◆ TASK DETAILS ◆
Only one number is wanted here: how many lines of the data hold "direction".

◆ EXTRACTED INFORMATION ◆
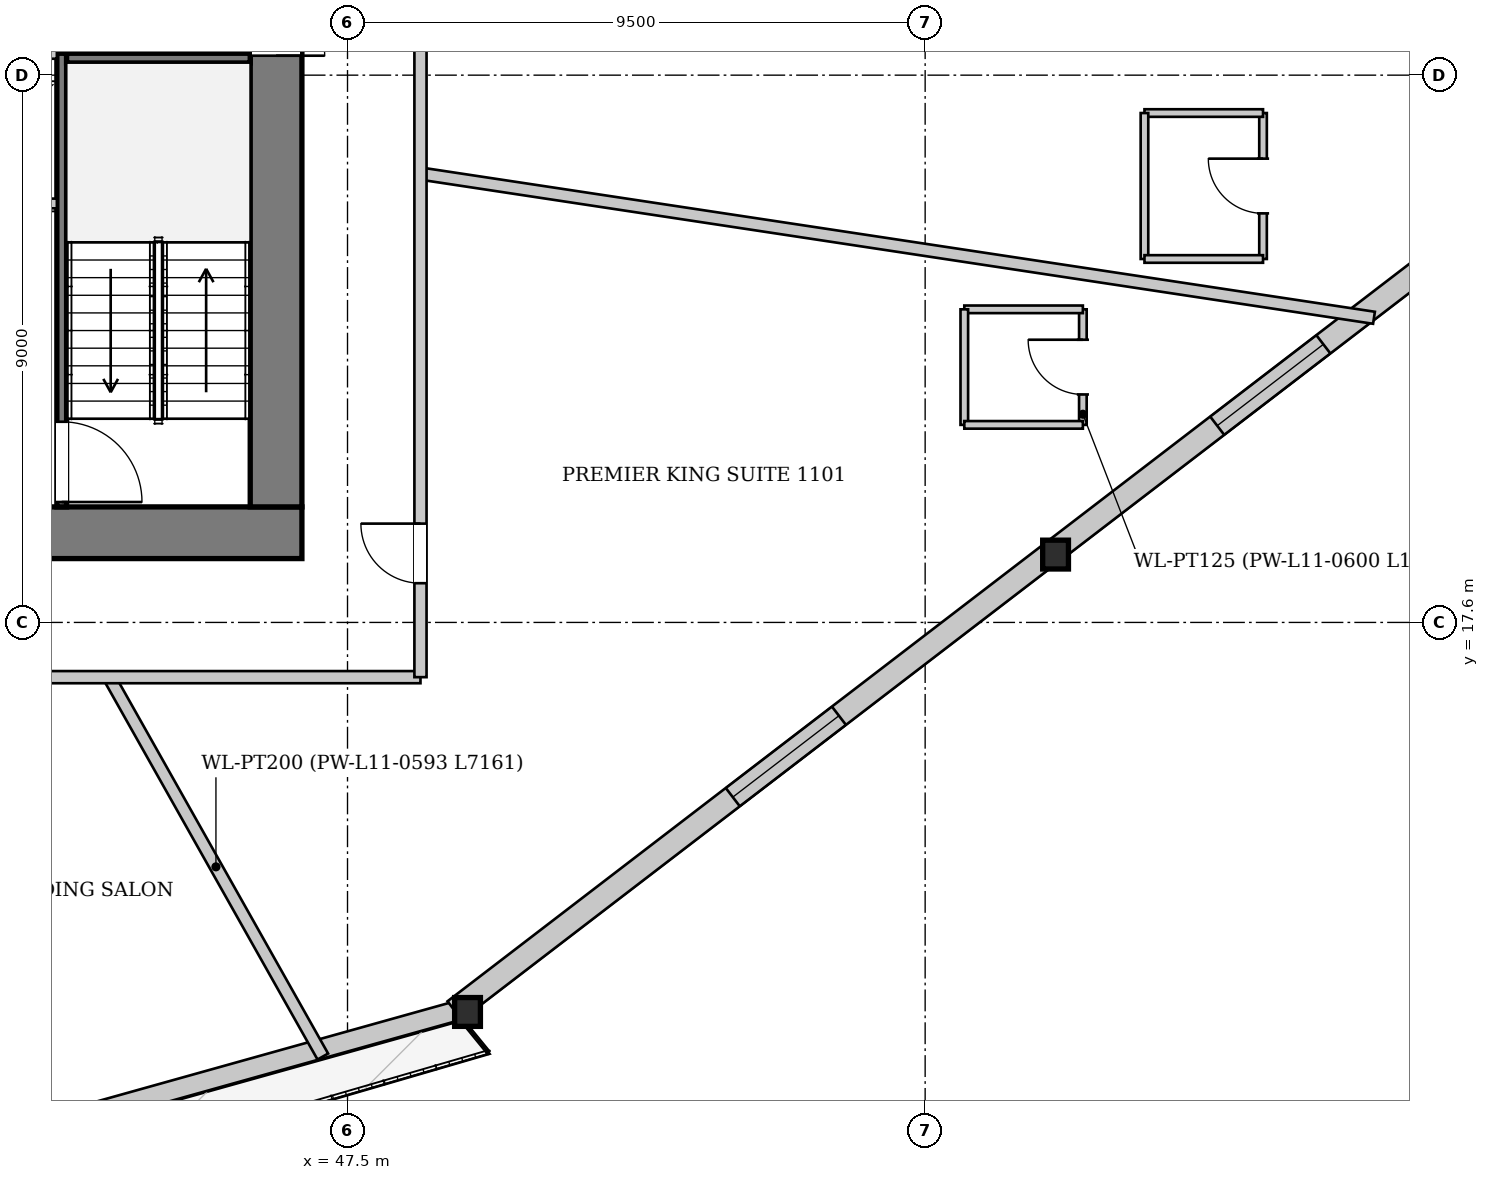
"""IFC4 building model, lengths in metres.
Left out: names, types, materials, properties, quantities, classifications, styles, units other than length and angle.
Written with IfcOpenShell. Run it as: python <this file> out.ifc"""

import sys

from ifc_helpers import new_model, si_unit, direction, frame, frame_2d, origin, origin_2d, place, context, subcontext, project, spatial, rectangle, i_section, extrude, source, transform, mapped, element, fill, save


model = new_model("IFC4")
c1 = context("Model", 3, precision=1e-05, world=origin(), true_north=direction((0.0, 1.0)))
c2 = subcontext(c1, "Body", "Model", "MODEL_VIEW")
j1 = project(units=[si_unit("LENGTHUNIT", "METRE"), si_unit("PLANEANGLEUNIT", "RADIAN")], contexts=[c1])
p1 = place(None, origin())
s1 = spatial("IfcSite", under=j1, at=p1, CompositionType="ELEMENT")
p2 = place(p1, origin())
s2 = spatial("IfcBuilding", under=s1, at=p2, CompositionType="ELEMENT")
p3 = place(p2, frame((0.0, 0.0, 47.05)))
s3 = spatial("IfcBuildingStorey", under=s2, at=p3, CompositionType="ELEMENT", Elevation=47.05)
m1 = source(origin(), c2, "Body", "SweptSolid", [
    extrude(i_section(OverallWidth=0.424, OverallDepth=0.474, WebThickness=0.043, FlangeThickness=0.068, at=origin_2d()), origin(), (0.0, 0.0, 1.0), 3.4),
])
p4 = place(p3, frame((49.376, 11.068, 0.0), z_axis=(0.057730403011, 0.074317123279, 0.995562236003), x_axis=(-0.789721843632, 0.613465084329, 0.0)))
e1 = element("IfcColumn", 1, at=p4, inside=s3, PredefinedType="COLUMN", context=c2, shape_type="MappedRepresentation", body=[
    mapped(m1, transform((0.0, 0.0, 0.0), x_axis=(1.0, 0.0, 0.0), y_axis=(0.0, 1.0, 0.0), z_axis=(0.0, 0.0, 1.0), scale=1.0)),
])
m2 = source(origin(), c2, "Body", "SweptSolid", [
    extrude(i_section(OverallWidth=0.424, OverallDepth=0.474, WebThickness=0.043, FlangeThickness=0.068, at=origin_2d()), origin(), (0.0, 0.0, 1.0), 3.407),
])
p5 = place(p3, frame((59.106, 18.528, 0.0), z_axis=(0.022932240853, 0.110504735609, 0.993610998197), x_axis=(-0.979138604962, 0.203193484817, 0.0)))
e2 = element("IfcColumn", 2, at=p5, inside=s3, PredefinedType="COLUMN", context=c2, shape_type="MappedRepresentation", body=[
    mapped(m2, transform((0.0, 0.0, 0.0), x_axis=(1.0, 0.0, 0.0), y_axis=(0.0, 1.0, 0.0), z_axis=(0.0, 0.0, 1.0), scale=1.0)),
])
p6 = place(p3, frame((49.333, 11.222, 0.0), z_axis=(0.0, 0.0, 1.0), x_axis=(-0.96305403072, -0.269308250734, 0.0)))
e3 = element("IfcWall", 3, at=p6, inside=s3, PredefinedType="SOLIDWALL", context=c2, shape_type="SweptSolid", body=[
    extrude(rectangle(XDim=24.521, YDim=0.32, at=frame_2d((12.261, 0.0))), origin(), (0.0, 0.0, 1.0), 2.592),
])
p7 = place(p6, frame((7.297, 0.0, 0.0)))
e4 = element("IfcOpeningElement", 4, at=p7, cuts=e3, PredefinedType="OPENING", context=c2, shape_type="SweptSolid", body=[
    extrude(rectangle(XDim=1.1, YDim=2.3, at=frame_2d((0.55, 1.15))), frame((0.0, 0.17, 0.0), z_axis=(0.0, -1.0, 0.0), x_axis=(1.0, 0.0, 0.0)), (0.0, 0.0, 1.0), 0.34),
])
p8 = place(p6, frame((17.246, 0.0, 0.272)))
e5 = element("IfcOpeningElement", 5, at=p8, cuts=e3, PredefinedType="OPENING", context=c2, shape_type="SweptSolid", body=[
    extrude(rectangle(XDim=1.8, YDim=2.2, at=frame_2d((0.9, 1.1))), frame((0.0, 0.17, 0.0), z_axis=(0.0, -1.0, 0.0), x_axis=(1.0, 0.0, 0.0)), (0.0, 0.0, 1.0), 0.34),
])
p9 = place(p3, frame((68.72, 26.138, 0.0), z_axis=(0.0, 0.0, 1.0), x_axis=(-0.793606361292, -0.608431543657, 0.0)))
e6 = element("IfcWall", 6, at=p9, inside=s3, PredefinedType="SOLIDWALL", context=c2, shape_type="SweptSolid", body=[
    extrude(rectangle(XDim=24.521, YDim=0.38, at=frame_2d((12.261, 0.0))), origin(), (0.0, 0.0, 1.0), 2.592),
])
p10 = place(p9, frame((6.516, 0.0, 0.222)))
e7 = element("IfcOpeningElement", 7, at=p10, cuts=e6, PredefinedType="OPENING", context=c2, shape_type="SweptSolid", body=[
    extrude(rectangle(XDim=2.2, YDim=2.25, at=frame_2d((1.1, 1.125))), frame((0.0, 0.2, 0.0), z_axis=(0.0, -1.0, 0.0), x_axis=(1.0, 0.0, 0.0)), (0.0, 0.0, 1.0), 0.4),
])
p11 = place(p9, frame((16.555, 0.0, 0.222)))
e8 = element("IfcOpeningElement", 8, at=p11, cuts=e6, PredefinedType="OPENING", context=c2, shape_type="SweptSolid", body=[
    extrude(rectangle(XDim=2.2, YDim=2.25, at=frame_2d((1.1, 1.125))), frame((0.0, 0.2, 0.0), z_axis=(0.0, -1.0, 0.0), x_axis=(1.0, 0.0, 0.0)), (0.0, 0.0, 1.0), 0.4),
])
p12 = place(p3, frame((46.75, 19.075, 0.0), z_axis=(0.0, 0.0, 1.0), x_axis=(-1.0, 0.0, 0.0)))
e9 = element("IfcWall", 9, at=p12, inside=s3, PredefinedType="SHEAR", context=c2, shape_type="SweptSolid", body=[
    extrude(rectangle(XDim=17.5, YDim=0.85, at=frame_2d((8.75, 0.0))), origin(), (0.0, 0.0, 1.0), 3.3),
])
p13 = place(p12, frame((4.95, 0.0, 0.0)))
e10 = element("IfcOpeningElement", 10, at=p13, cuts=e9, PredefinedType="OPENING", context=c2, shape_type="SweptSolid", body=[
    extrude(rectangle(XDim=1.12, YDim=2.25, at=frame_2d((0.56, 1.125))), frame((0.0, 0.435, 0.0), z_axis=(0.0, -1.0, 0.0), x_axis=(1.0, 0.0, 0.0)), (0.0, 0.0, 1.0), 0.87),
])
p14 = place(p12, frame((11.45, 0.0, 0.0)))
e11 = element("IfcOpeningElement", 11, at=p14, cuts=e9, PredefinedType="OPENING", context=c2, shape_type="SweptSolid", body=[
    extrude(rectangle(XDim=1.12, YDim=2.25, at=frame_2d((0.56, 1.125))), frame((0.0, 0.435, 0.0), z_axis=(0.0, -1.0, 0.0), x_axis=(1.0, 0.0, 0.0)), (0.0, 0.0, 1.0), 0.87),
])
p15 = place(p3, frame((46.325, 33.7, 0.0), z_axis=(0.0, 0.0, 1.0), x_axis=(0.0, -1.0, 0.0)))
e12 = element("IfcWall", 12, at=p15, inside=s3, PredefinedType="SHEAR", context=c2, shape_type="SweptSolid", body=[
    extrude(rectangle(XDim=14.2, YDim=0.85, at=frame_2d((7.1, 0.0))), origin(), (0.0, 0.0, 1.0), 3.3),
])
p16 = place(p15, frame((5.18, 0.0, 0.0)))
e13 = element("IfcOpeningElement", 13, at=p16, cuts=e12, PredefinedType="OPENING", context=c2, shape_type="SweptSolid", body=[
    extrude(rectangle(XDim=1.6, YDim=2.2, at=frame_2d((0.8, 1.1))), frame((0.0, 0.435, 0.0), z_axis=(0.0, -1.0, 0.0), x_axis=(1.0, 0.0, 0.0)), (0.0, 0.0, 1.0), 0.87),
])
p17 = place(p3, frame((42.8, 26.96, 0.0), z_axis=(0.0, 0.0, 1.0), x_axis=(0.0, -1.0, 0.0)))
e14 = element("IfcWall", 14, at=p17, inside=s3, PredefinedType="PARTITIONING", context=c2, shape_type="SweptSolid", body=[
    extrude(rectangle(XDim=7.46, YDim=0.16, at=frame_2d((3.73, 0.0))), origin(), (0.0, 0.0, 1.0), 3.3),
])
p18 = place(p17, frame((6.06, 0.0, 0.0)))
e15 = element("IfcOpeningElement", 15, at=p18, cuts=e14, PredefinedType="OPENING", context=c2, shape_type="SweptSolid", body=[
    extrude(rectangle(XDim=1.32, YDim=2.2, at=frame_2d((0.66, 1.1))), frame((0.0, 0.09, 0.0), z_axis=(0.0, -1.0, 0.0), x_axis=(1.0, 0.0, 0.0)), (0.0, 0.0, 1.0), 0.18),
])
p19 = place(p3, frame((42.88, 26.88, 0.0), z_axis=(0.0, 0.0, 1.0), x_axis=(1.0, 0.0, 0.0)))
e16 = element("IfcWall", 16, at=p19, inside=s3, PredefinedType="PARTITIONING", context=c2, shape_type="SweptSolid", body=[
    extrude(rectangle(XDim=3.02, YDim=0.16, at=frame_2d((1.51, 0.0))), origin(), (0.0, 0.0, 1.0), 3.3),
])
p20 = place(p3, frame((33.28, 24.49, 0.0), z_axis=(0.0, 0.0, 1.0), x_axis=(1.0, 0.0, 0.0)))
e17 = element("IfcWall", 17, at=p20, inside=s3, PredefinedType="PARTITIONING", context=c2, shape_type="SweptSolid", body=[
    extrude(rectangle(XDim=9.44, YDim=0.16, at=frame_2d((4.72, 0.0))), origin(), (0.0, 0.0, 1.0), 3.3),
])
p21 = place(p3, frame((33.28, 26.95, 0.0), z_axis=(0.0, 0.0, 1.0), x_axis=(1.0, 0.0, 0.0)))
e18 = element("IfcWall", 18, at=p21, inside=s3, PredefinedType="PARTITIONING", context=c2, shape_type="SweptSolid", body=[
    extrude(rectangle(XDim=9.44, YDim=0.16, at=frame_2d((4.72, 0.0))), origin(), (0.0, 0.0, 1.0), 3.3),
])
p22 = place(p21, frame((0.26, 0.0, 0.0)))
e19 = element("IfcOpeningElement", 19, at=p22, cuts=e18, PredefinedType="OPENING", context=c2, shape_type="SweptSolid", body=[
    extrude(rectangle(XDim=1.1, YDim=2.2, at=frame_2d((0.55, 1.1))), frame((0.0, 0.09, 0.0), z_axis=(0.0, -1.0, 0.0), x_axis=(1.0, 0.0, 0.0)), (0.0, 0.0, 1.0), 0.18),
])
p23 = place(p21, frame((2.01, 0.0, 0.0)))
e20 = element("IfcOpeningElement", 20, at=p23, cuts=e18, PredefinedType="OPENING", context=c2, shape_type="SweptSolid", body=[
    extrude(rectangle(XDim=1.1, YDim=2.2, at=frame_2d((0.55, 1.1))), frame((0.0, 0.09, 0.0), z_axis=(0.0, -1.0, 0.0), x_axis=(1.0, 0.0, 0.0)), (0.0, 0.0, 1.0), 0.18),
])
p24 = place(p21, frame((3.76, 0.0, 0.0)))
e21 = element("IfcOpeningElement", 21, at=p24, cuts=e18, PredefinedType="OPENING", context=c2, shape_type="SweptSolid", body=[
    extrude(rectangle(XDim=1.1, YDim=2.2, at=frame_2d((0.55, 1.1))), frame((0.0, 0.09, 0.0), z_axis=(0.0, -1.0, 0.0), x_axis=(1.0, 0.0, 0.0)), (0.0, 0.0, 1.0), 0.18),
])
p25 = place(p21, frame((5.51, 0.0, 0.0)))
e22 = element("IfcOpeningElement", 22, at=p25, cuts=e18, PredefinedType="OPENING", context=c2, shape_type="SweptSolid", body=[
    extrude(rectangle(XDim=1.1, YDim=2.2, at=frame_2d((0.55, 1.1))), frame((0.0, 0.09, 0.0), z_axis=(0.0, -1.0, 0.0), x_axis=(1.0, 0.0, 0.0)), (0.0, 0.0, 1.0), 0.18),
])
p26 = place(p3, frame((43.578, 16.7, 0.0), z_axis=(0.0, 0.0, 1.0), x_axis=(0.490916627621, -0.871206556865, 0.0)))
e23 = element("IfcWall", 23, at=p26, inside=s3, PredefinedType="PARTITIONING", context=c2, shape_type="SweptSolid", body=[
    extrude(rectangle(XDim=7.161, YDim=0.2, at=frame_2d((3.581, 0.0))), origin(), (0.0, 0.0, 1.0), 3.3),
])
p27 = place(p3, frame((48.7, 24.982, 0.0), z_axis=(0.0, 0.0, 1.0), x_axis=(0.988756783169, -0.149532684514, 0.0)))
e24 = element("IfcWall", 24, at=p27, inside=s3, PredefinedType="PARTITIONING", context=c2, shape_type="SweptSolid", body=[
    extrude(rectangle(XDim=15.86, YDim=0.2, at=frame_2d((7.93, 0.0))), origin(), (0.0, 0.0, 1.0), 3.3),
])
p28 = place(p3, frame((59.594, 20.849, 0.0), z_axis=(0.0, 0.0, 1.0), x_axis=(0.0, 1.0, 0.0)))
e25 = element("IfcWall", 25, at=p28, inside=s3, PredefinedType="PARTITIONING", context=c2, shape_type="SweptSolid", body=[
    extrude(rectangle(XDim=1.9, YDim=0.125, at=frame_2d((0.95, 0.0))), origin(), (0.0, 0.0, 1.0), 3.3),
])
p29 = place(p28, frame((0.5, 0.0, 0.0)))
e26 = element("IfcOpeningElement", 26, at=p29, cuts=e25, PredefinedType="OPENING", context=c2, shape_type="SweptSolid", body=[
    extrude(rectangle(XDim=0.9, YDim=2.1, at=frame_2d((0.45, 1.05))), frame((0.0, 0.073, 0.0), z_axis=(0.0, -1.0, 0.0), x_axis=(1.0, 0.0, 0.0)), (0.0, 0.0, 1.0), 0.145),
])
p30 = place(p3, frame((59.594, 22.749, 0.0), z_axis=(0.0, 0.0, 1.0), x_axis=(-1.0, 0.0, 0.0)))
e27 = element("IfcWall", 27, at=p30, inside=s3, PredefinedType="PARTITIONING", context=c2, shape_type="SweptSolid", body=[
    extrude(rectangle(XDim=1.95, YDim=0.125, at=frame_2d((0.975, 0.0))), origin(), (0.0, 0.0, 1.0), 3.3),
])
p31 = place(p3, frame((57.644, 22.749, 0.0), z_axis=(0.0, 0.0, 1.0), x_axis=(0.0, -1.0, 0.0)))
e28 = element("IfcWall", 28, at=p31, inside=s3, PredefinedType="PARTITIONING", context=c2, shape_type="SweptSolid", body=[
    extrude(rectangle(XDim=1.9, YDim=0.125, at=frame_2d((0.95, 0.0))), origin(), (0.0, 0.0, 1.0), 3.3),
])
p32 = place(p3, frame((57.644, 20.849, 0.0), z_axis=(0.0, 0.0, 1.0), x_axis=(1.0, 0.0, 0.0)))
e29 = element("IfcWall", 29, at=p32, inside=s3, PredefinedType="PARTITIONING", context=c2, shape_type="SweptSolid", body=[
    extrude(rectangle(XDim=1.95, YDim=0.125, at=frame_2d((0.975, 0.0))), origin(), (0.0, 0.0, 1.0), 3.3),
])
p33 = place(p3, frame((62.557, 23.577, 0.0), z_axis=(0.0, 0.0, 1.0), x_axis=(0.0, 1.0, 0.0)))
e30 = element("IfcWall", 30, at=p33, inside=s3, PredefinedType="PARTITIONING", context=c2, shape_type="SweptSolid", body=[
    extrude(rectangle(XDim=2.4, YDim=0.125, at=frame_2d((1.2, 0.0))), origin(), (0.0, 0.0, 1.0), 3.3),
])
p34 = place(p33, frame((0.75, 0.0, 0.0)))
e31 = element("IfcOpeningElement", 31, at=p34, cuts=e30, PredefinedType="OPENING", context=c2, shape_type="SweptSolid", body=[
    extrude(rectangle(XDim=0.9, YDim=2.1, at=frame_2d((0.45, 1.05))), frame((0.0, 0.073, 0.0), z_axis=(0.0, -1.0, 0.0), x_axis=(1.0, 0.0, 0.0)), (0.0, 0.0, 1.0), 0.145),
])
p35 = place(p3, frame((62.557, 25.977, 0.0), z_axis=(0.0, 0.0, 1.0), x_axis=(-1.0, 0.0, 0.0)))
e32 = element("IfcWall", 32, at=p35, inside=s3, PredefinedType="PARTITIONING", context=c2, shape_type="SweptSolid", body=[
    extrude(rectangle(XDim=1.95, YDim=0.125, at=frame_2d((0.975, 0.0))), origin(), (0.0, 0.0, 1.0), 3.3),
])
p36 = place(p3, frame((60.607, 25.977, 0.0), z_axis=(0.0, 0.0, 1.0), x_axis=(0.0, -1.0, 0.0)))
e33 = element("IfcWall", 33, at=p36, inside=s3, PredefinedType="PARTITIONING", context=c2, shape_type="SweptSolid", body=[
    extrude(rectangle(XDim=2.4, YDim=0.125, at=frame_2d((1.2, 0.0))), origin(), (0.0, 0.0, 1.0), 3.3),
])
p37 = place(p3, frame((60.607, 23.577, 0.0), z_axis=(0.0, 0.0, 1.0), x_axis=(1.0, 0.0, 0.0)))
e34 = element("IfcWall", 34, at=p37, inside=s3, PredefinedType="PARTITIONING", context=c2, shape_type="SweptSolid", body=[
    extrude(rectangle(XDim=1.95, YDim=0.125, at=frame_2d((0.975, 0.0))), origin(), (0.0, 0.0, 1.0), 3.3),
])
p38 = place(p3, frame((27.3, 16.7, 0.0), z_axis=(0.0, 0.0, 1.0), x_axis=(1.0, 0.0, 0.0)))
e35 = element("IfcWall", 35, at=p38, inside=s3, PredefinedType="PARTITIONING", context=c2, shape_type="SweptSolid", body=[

◆ WRITTEN SOLUTION ◆
2